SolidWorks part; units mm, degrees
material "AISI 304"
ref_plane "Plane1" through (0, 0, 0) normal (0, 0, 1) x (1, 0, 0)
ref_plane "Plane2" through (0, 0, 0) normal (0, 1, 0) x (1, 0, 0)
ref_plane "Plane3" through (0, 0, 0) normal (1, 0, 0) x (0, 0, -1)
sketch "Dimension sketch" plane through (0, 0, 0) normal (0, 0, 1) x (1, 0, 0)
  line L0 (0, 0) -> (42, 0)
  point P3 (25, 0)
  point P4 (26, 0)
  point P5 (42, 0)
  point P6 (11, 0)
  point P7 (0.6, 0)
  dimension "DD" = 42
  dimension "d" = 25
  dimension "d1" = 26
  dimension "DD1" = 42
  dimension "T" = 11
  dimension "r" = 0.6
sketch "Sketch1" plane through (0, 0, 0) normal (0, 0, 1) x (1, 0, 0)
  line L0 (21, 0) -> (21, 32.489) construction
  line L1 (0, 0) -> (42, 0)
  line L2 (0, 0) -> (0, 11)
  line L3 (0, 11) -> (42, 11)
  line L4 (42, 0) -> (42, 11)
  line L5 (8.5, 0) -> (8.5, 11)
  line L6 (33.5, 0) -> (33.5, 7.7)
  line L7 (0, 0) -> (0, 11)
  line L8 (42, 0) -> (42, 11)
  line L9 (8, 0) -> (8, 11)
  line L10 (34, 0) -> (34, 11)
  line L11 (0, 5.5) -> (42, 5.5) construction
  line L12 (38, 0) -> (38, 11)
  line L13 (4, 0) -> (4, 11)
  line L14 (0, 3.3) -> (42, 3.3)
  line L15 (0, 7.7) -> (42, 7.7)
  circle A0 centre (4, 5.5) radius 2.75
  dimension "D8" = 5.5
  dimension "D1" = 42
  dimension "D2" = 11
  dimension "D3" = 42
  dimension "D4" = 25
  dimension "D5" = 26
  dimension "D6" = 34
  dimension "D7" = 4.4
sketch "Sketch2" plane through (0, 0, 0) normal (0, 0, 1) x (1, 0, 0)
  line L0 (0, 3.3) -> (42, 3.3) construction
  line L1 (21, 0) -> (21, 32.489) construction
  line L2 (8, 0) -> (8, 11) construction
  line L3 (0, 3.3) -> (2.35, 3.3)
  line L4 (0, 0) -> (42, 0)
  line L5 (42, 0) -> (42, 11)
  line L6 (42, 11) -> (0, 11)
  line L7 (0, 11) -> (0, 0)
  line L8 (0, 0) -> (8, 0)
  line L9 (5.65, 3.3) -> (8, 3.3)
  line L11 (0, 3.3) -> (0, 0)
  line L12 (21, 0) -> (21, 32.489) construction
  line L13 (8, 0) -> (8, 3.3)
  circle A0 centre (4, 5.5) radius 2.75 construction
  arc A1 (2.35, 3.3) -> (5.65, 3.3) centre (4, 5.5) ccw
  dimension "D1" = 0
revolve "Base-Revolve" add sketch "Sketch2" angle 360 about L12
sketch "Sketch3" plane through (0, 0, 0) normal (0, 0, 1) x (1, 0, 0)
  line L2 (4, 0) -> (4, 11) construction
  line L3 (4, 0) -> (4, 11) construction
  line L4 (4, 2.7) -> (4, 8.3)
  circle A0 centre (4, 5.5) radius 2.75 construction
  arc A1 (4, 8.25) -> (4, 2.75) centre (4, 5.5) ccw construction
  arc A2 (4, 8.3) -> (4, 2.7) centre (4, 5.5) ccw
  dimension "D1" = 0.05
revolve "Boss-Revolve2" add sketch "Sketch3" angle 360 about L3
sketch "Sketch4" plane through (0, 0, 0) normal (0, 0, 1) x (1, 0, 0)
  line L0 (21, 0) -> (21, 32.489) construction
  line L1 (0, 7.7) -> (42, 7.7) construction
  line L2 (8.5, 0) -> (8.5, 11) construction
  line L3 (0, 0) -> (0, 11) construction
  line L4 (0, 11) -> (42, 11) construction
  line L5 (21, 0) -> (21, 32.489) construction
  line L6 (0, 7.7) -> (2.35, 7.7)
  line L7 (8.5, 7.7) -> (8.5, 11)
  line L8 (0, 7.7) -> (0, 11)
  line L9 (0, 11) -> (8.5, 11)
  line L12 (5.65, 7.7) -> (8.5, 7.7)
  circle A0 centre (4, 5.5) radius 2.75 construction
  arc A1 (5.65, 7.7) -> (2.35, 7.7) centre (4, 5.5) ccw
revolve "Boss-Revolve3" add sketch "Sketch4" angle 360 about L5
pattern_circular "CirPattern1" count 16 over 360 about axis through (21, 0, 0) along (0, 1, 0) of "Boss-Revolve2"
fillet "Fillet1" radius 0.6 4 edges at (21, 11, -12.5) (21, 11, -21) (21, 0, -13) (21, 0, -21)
——————
WORK TO COMPLETE: Extract every line containing the string "point" from the data above.

OUTPUT:
  point P3 (25, 0)
  point P4 (26, 0)
  point P5 (42, 0)
  point P6 (11, 0)
  point P7 (0.6, 0)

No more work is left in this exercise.